# Dataset excerpts
------------------------------
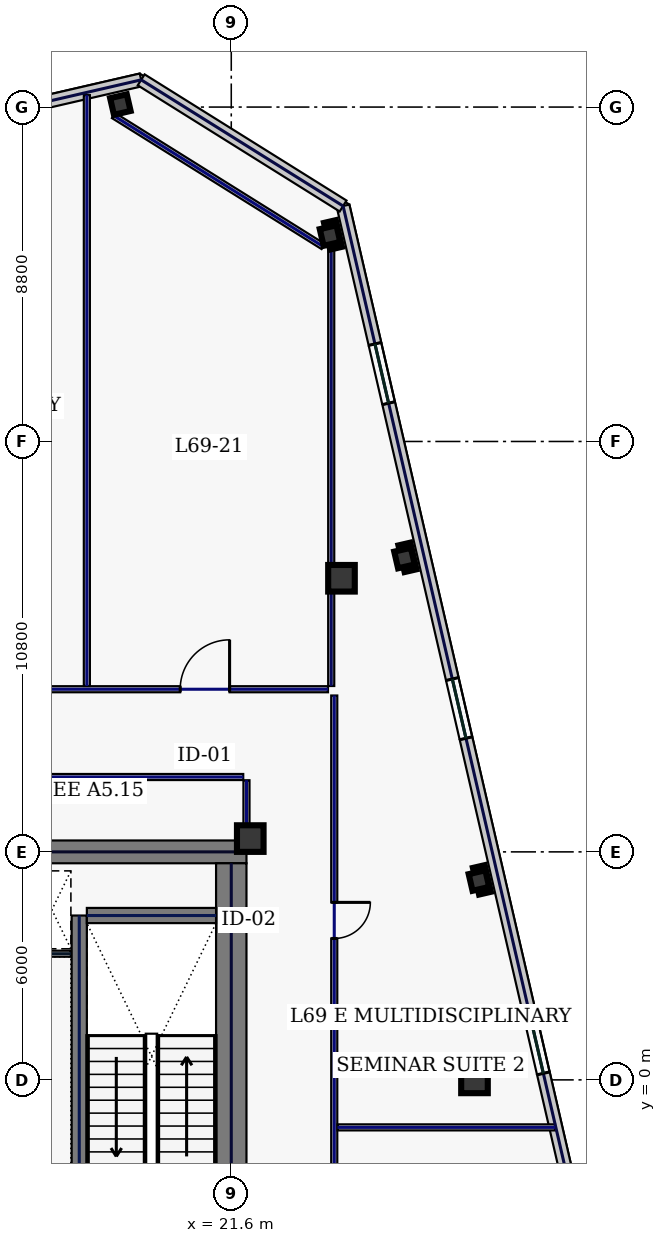
"""IFC4 building model, lengths in metres.
Left out: names, types, materials, properties, quantities, classifications, styles, units other than length and angle.
Written with IfcOpenShell. Run it as: python <this file> out.ifc"""

import sys

from ifc_helpers import new_model, si_unit, direction, frame, frame_2d, origin, origin_2d, place, context, subcontext, project, spatial, rectangle, hollow_rectangle, extrude, element, fill, save


model = new_model("IFC4")
c1 = context("Model", 3, precision=1e-05, world=origin(), true_north=direction((0.0, 1.0)))
c2 = subcontext(c1, "Body", "Model", "MODEL_VIEW")
j1 = project(units=[si_unit("LENGTHUNIT", "METRE"), si_unit("PLANEANGLEUNIT", "RADIAN")], contexts=[c1])
p1 = place(None, origin())
s1 = spatial("IfcSite", under=j1, at=p1, CompositionType="ELEMENT")
p2 = place(p1, origin())
s2 = spatial("IfcBuilding", under=s1, at=p2, CompositionType="ELEMENT")
p3 = place(p2, frame((0.0, 0.0, 297.0)))
s3 = spatial("IfcBuildingStorey", under=s2, at=p3, CompositionType="ELEMENT", Elevation=297.0)
p4 = place(p3, frame((10.5, 6.0, 0.0), z_axis=(0.0, 0.0, 1.0), x_axis=(1.0, 0.0, 0.0)))
e1 = element("IfcWall", 1, at=p4, inside=s3, PredefinedType="SHEAR", context=c2, shape_type="SweptSolid", body=[
    extrude(rectangle(XDim=11.5, YDim=0.6, at=frame_2d((5.75, 0.0))), origin(), (0.0, 0.0, 1.0), 3.74),
])
p5 = place(p3, frame((21.6, -5.7, 0.0), z_axis=(0.0, 0.0, 1.0), x_axis=(0.0, 1.0, 0.0)))
e2 = element("IfcWall", 2, at=p5, inside=s3, PredefinedType="SHEAR", context=c2, shape_type="SweptSolid", body=[
    extrude(rectangle(XDim=11.4, YDim=0.8, at=frame_2d((5.7, 0.0))), origin(), (0.0, 0.0, 1.0), 3.74),
])
p6 = place(p3, frame((17.6, -4.325, 0.0), z_axis=(0.0, 0.0, 1.0), x_axis=(0.0, 1.0, 0.0)))
e3 = element("IfcWall", 3, at=p6, inside=s3, PredefinedType="SHEAR", context=c2, shape_type="SweptSolid", body=[
    extrude(rectangle(XDim=8.65, YDim=0.4, at=frame_2d((4.325, 0.0))), origin(), (0.0, 0.0, 1.0), 3.74),
])
p7 = place(p6, frame((0.25, 0.0, 0.0)))
e4 = element("IfcOpeningElement", 4, at=p7, cuts=e3, PredefinedType="OPENING", context=c2, shape_type="SweptSolid", body=[
    extrude(rectangle(XDim=1.1, YDim=2.2, at=frame_2d((0.55, 1.1))), frame((0.0, 0.21, 0.0), z_axis=(0.0, -1.0, 0.0), x_axis=(1.0, 0.0, 0.0)), (0.0, 0.0, 1.0), 0.42),
])
p8 = place(p3, frame((17.8, 4.325, 0.0), z_axis=(0.0, 0.0, 1.0), x_axis=(1.0, 0.0, 0.0)))
e5 = element("IfcWall", 5, at=p8, inside=s3, PredefinedType="SHEAR", context=c2, shape_type="SweptSolid", body=[
    extrude(rectangle(XDim=3.4, YDim=0.4, at=frame_2d((1.7, 0.0))), origin(), (0.0, 0.0, 1.0), 3.74),
])
for number, where, z_axis, x_axis in (
    (6, (22.1, 6.35, 0.0), (0.0, 0.0, 1.0), (1.0, 0.0, 0.0)),
    (7, (24.5, 13.2, 0.0), (0.0, 0.0, 1.0), (1.0, 0.0, 0.0)),
    (8, (28.0, 0.0, 0.0), (0.0, 0.0, 1.0), (1.0, 0.0, 0.0)),
):
    element("IfcColumn", number, at=place(p3, frame(where, z_axis=z_axis, x_axis=x_axis)), inside=s3, PredefinedType="COLUMN", context=c2, shape_type="SweptSolid", body=[
        extrude(hollow_rectangle(XDim=0.7, YDim=0.7, WallThickness=0.032, at=origin_2d()), origin(), (0.0, 0.0, 1.0), 3.74),
    ])
for number, where, z_axis, x_axis in (
    (9, (18.682, 25.666, 0.0), (0.0, 0.0, 1.0), (0.974, 0.225, 0.0)),
    (10, (28.117, 5.246, 0.0), (0.0, 0.0, 1.0), (0.974, 0.225, 0.0)),
    (11, (26.158, 13.732, 0.0), (0.0, 0.0, 1.0), (0.974, 0.225, 0.0)),
    (12, (24.198, 22.219, 0.0), (0.0, 0.0, 1.0), (0.974, 0.225, 0.0)),
):
    element("IfcColumn", number, at=place(p3, frame(where, z_axis=z_axis, x_axis=x_axis)), inside=s3, PredefinedType="COLUMN", context=c2, shape_type="SweptSolid", body=[
        extrude(hollow_rectangle(XDim=0.45, YDim=0.45, WallThickness=0.022, at=origin_2d()), origin(), (0.0, 0.0, 1.0), 3.74),
    ])
p9 = place(p3, frame((19.229, 26.316, 0.0), z_axis=(0.0, 0.0, 1.0), x_axis=(-0.974372473594, -0.224940620392, 0.0)))
e13 = element("IfcWall", 13, at=p9, inside=s3, PredefinedType="STANDARD", context=c2, shape_type="SweptSolid", body=[
    extrude(rectangle(XDim=17.366, YDim=0.34, at=frame_2d((8.683, 0.0))), origin(), (0.0, 0.0, 1.0), 3.74),
])
p10 = place(p9, frame((13.187, 0.0, 1.0)))
e14 = element("IfcOpeningElement", 14, at=p10, cuts=e13, PredefinedType="OPENING", context=c2, shape_type="SweptSolid", body=[
    extrude(rectangle(XDim=1.4, YDim=1.85, at=frame_2d((0.7, 0.925))), frame((0.0, 0.18, 0.0), z_axis=(0.0, -1.0, 0.0), x_axis=(1.0, 0.0, 0.0)), (0.0, 0.0, 1.0), 0.36),
])
p11 = place(p9, frame((9.676, 0.0, 1.0)))
e15 = element("IfcOpeningElement", 15, at=p11, cuts=e13, PredefinedType="OPENING", context=c2, shape_type="SweptSolid", body=[
    extrude(rectangle(XDim=1.4, YDim=1.85, at=frame_2d((0.7, 0.925))), frame((0.0, 0.18, 0.0), z_axis=(0.0, -1.0, 0.0), x_axis=(1.0, 0.0, 0.0)), (0.0, 0.0, 1.0), 0.36),
])
p12 = place(p9, frame((5.553, 0.0, 1.0)))
e16 = element("IfcOpeningElement", 16, at=p12, cuts=e13, PredefinedType="OPENING", context=c2, shape_type="SweptSolid", body=[
    extrude(rectangle(XDim=1.4, YDim=1.85, at=frame_2d((0.7, 0.925))), frame((0.0, 0.18, 0.0), z_axis=(0.0, -1.0, 0.0), x_axis=(1.0, 0.0, 0.0)), (0.0, 0.0, 1.0), 0.36),
])
p13 = place(p9, frame((2.591, 0.0, 1.0)))
e17 = element("IfcOpeningElement", 17, at=p13, cuts=e13, PredefinedType="OPENING", context=c2, shape_type="SweptSolid", body=[
    extrude(rectangle(XDim=0.85, YDim=1.85, at=frame_2d((0.425, 0.925))), frame((0.0, 0.18, 0.0), z_axis=(0.0, -1.0, 0.0), x_axis=(1.0, 0.0, 0.0)), (0.0, 0.0, 1.0), 0.36),
])
p14 = place(p3, frame((32.686, -12.276, 0.0), z_axis=(0.0, 0.0, 1.0), x_axis=(-0.224953091034, 0.974369594576, 0.0)))
e18 = element("IfcWall", 18, at=p14, inside=s3, PredefinedType="STANDARD", context=c2, shape_type="SweptSolid", body=[
    extrude(rectangle(XDim=36.2, YDim=0.34, at=frame_2d((18.1, 0.0))), origin(), (0.0, 0.0, 1.0), 3.74),
])
p15 = place(p14, frame((3.725, 0.0, 0.58)))
e19 = element("IfcOpeningElement", 19, at=p15, cuts=e18, PredefinedType="OPENING", context=c2, shape_type="SweptSolid", body=[
    extrude(rectangle(XDim=1.6, YDim=2.3, at=frame_2d((0.8, 1.15))), frame((0.0, 0.18, 0.0), z_axis=(0.0, -1.0, 0.0), x_axis=(1.0, 0.0, 0.0)), (0.0, 0.0, 1.0), 0.36),
])
p16 = place(p14, frame((12.775, 0.0, 0.58)))
e20 = element("IfcOpeningElement", 20, at=p16, cuts=e18, PredefinedType="OPENING", context=c2, shape_type="SweptSolid", body=[
    extrude(rectangle(XDim=1.6, YDim=2.3, at=frame_2d((0.8, 1.15))), frame((0.0, 0.18, 0.0), z_axis=(0.0, -1.0, 0.0), x_axis=(1.0, 0.0, 0.0)), (0.0, 0.0, 1.0), 0.36),
])
p17 = place(p14, frame((21.825, 0.0, 0.58)))
e21 = element("IfcOpeningElement", 21, at=p17, cuts=e18, PredefinedType="OPENING", context=c2, shape_type="SweptSolid", body=[
    extrude(rectangle(XDim=1.6, YDim=2.3, at=frame_2d((0.8, 1.15))), frame((0.0, 0.18, 0.0), z_axis=(0.0, -1.0, 0.0), x_axis=(1.0, 0.0, 0.0)), (0.0, 0.0, 1.0), 0.36),
])
p18 = place(p14, frame((30.875, 0.0, 0.58)))
e22 = element("IfcOpeningElement", 22, at=p18, cuts=e18, PredefinedType="OPENING", context=c2, shape_type="SweptSolid", body=[
    extrude(rectangle(XDim=1.6, YDim=2.3, at=frame_2d((0.8, 1.15))), frame((0.0, 0.18, 0.0), z_axis=(0.0, -1.0, 0.0), x_axis=(1.0, 0.0, 0.0)), (0.0, 0.0, 1.0), 0.36),
])
p19 = place(p3, frame((24.542, 22.996, 0.0), z_axis=(0.0, 0.0, 1.0), x_axis=(-0.848055220921, 0.529907862057, 0.0)))
e23 = element("IfcWall", 23, at=p19, inside=s3, PredefinedType="STANDARD", context=c2, shape_type="SweptSolid", body=[
    extrude(rectangle(XDim=6.265, YDim=0.34, at=frame_2d((3.132, 0.0))), origin(), (0.0, 0.0, 1.0), 3.74),
])
p20 = place(p3, frame((15.725, 3.32, 0.0), z_axis=(0.0, 0.0, 1.0), x_axis=(1.0, 0.0, 0.0)))
e24 = element("IfcWall", 24, at=p20, inside=s3, PredefinedType="PARTITIONING", context=c2, shape_type="SweptSolid", body=[
    extrude(rectangle(XDim=1.655, YDim=0.16, at=frame_2d((0.827, 0.0))), origin(), (0.0, 0.0, 1.0), 3.74),
])
p21 = place(p3, frame((24.018, 21.931, 0.0), z_axis=(0.0, 0.0, 1.0), x_axis=(-0.848051009591, 0.529914601736, 0.0)))
e25 = element("IfcWall", 25, at=p21, inside=s3, PredefinedType="PARTITIONING", context=c2, shape_type="SweptSolid", body=[
    extrude(rectangle(XDim=6.505, YDim=0.16, at=frame_2d((3.253, 0.0))), origin(), (0.0, 0.0, 1.0), 3.74),
])
p22 = place(p3, frame((-24.145, 10.28, 0.0), z_axis=(0.0, 0.0, 1.0), x_axis=(1.0, 0.0, 0.0)))
e26 = element("IfcWall", 26, at=p22, inside=s3, PredefinedType="PARTITIONING", context=c2, shape_type="SweptSolid", body=[
    extrude(rectangle(XDim=48.29, YDim=0.16, at=frame_2d((24.145, 0.0))), origin(), (0.0, 0.0, 1.0), 3.74),
])
p23 = place(p22, frame((2.044, 0.0, 0.0)))
e27 = element("IfcOpeningElement", 27, at=p23, cuts=e26, PredefinedType="OPENING", context=c2, shape_type="SweptSolid", body=[
    extrude(rectangle(XDim=0.95, YDim=2.2, at=frame_2d((0.475, 1.1))), frame((0.0, 0.09, 0.0), z_axis=(0.0, -1.0, 0.0), x_axis=(1.0, 0.0, 0.0)), (0.0, 0.0, 1.0), 0.18),
])
p24 = place(p22, frame((6.885, 0.0, 0.0)))
e28 = element("IfcOpeningElement", 28, at=p24, cuts=e26, PredefinedType="OPENING", context=c2, shape_type="SweptSolid", body=[
    extrude(rectangle(XDim=0.95, YDim=2.2, at=frame_2d((0.475, 1.1))), frame((0.0, 0.09, 0.0), z_axis=(0.0, -1.0, 0.0), x_axis=(1.0, 0.0, 0.0)), (0.0, 0.0, 1.0), 0.18),
])
p25 = place(p22, frame((14.8, 0.0, 0.0)))
e29 = element("IfcOpeningElement", 29, at=p25, cuts=e26, PredefinedType="OPENING", context=c2, shape_type="SweptSolid", body=[
    extrude(rectangle(XDim=1.3, YDim=2.2, at=frame_2d((0.65, 1.1))), frame((0.0, 0.09, 0.0), z_axis=(0.0, -1.0, 0.0), x_axis=(1.0, 0.0, 0.0)), (0.0, 0.0, 1.0), 0.18),
])
p26 = place(p22, frame((25.58, 0.0, 0.0)))
e30 = element("IfcOpeningElement", 30, at=p26, cuts=e26, PredefinedType="OPENING", context=c2, shape_type="SweptSolid", body=[
    extrude(rectangle(XDim=1.3, YDim=2.2, at=frame_2d((0.65, 1.1))), frame((0.0, 0.09, 0.0), z_axis=(0.0, -1.0, 0.0), x_axis=(1.0, 0.0, 0.0)), (0.0, 0.0, 1.0), 0.18),
])
p27 = place(p22, frame((36.355, 0.0, 0.0)))
e31 = element("IfcOpeningElement", 31, at=p27, cuts=e26, PredefinedType="OPENING", context=c2, shape_type="SweptSolid", body=[
    extrude(rectangle(XDim=0.95, YDim=2.2, at=frame_2d((0.475, 1.1))), frame((0.0, 0.09, 0.0), z_axis=(0.0, -1.0, 0.0), x_axis=(1.0, 0.0, 0.0)), (0.0, 0.0, 1.0), 0.18),
])
p28 = place(p22, frame((44.401, 0.0, 0.0)))
e32 = element("IfcOpeningElement", 32, at=p28, cuts=e26, PredefinedType="OPENING", context=c2, shape_type="SweptSolid", body=[
    extrude(rectangle(XDim=1.3, YDim=2.2, at=frame_2d((0.65, 1.1))), frame((0.0, 0.09, 0.0), z_axis=(0.0, -1.0, 0.0), x_axis=(1.0, 0.0, 0.0)), (0.0, 0.0, 1.0), 0.18),
])
p29 = place(p3, frame((24.31, 10.115, 0.0), z_axis=(0.0, 0.0, 1.0), x_axis=(0.0, -1.0, 0.0)))
e33 = element("IfcWall", 33, at=p29, inside=s3, PredefinedType="PARTITIONING", context=c2, shape_type="SweptSolid", body=[
    extrude(rectangle(XDim=20.13, YDim=0.16, at=frame_2d((10.065, 0.0))), origin(), (0.0, 0.0, 1.0), 3.74),
])
p30 = place(p29, frame((15.206, 0.0, 0.0)))
e34 = element("IfcOpeningElement", 34, at=p30, cuts=e33, PredefinedType="OPENING", context=c2, shape_type="SweptSolid", body=[
    extrude(rectangle(XDim=0.95, YDim=2.2, at=frame_2d((0.475, 1.1))), frame((0.0, 0.09, 0.0), z_axis=(0.0, -1.0, 0.0), x_axis=(1.0, 0.0, 0.0)), (0.0, 0.0, 1.0), 0.18),
])
p31 = place(p29, frame((5.444, 0.0, 0.0)))
e35 = element("IfcOpeningElement", 35, at=p31, cuts=e33, PredefinedType="OPENING", context=c2, shape_type="SweptSolid", body=[
    extrude(rectangle(XDim=0.95, YDim=2.2, at=frame_2d((0.475, 1.1))), frame((0.0, 0.09, 0.0), z_axis=(0.0, -1.0, 0.0), x_axis=(1.0, 0.0, 0.0)), (0.0, 0.0, 1.0), 0.18),
])
p32 = place(p3, frame((21.915, 7.97, 0.0), z_axis=(0.0, 0.0, 1.0), x_axis=(-1.0, 0.0, 0.0)))
e36 = element("IfcWall", 36, at=p32, inside=s3, PredefinedType="PARTITIONING", context=c2, shape_type="SweptSolid", body=[
    extrude(rectangle(XDim=11.2, YDim=0.16, at=frame_2d((5.6, 0.0))), origin(), (0.0, 0.0, 1.0), 3.74),
])
p33 = place(p3, frame((22.0, 6.42, 0.0), z_axis=(0.0, 0.0, 1.0), x_axis=(0.0, 1.0, 0.0)))
e37 = element("IfcWall", 37, at=p33, inside=s3, PredefinedType="PARTITIONING", context=c2, shape_type="SweptSolid", body=[
    extrude(rectangle(XDim=1.465, YDim=0.16, at=frame_2d((0.732, 0.0))), origin(), (0.0, 0.0, 1.0), 3.74),
])
p34 = place(p3, frame((24.23, 10.365, 0.0), z_axis=(0.0, 0.0, 1.0), x_axis=(0.0, 1.0, 0.0)))
e38 = element("IfcWall", 38, at=p34, inside=s3, PredefinedType="PARTITIONING", context=c2, shape_type="SweptSolid", body=[
    extrude(rectangle(XDim=12.206, YDim=0.16, at=frame_2d((6.103, 0.0))), origin(), (0.0, 0.0, 1.0), 3.185),
])
p35 = place(p3, frame((17.8, 10.365, 0.0), z_axis=(0.0, 0.0, 1.0), x_axis=(0.0, 1.0, 0.0)))
e39 = element("IfcWall", 39, at=p35, inside=s3, PredefinedType="PARTITIONING", context=c2, shape_type="SweptSolid", body=[
    extrude(rectangle(XDim=15.549, YDim=0.16, at=frame_2d((7.775, 0.0))), origin(), (0.0, 0.0, 1.0), 3.74),
])
p36 = place(p3, frame((24.395, -1.25, 0.0), z_axis=(0.0, 0.0, 1.0), x_axis=(1.0, 0.0, 0.0)))
e40 = element("IfcWall", 40, at=p36, inside=s3, PredefinedType="PARTITIONING", context=c2, shape_type="SweptSolid", body=[
    extrude(rectangle(XDim=5.725, YDim=0.16, at=frame_2d((2.862, 0.0))), origin(), (0.0, 0.0, 1.0), 3.74),
])
p37 = place(p16, origin())
e41 = element("IfcWindow", 41, at=p37, inside=s3, PartitioningType="SINGLE_PANEL", PredefinedType="WINDOW", context=c2, shape_type="SweptSolid", body=[
    extrude(rectangle(XDim=1.6, YDim=2.3, at=frame_2d((0.8, 1.15))), frame((0.0, 0.03, 0.0), z_axis=(0.0, -1.0, 0.0), x_axis=(1.0, 0.0, 0.0)), (0.0, 0.0, 1.0), 0.06),
])
fill(e20, e41)
p38 = place(p17, origin())
e42 = element("IfcWindow", 42, at=p38, inside=s3, PartitioningType="SINGLE_PANEL", PredefinedType="WINDOW", context=c2, shape_type="SweptSolid", body=[
    extrude(rectangle(XDim=1.6, YDim=2.3, at=frame_2d((0.8, 1.15))), frame((0.0, 0.03, 0.0), z_axis=(0.0, -1.0, 0.0), x_axis=(1.0, 0.0, 0.0)), (0.0, 0.0, 1.0), 0.06),
])
fill(e21, e42)
p39 = place(p18, origin())
e43 = element("IfcWindow", 43, at=p39, inside=s3, PartitioningType="SINGLE_PANEL", PredefinedType="WINDOW", context=c2, shape_type="SweptSolid", body=[
    extrude(rectangle(XDim=1.6, YDim=2.3, at=frame_2d((0.8, 1.15))), frame((0.0, 0.03, 0.0), z_axis=(0.0, -1.0, 0.0), x_axis=(1.0, 0.0, 0.0)), (0.0, 0.0, 1.0), 0.06),
])
fill(e22, e43)
p40 = place(p28, origin())
e44 = element("IfcDoor", 44, at=p40, inside=s3, OperationType="SINGLE_SWING_RIGHT", PredefinedType="DOOR", context=c2, shape_type="SweptSolid", body=[
    extrude(rectangle(XDim=1.3, YDim=2.2, at=frame_2d((0.65, 1.1))), frame((0.0, 0.025, 0.0), z_axis=(0.0, -1.0, 0.0), x_axis=(1.0, 0.0, 0.0)), (0.0, 0.0, 1.0), 0.05),
])
fill(e32, e44)
p41 = place(p31, origin())
e45 = element("IfcDoor", 45, at=p41, inside=s3, OperationType="SINGLE_SWING_LEFT", PredefinedType="DOOR", context=c2, shape_type="SweptSolid", body=[
    extrude(rectangle(XDim=0.95, YDim=2.2, at=frame_2d((0.475, 1.1))), frame((0.0, 0.025, 0.0), z_axis=(0.0, -1.0, 0.0), x_axis=(1.0, 0.0, 0.0)), (0.0, 0.0, 1.0), 0.05),
])
fill(e35, e45)
save(model, sys.argv[1])
------------------------------
# What you need to do
In the lines above, locate the string "IfcWindow". Copy every line where it occurs.

# Response to this task
e41 = element("IfcWindow", 41, at=p37, inside=s3, PartitioningType="SINGLE_PANEL", PredefinedType="WINDOW", context=c2, shape_type="SweptSolid", body=[
e42 = element("IfcWindow", 42, at=p38, inside=s3, PartitioningType="SINGLE_PANEL", PredefinedType="WINDOW", context=c2, shape_type="SweptSolid", body=[
e43 = element("IfcWindow", 43, at=p39, inside=s3, PartitioningType="SINGLE_PANEL", PredefinedType="WINDOW", context=c2, shape_type="SweptSolid", body=[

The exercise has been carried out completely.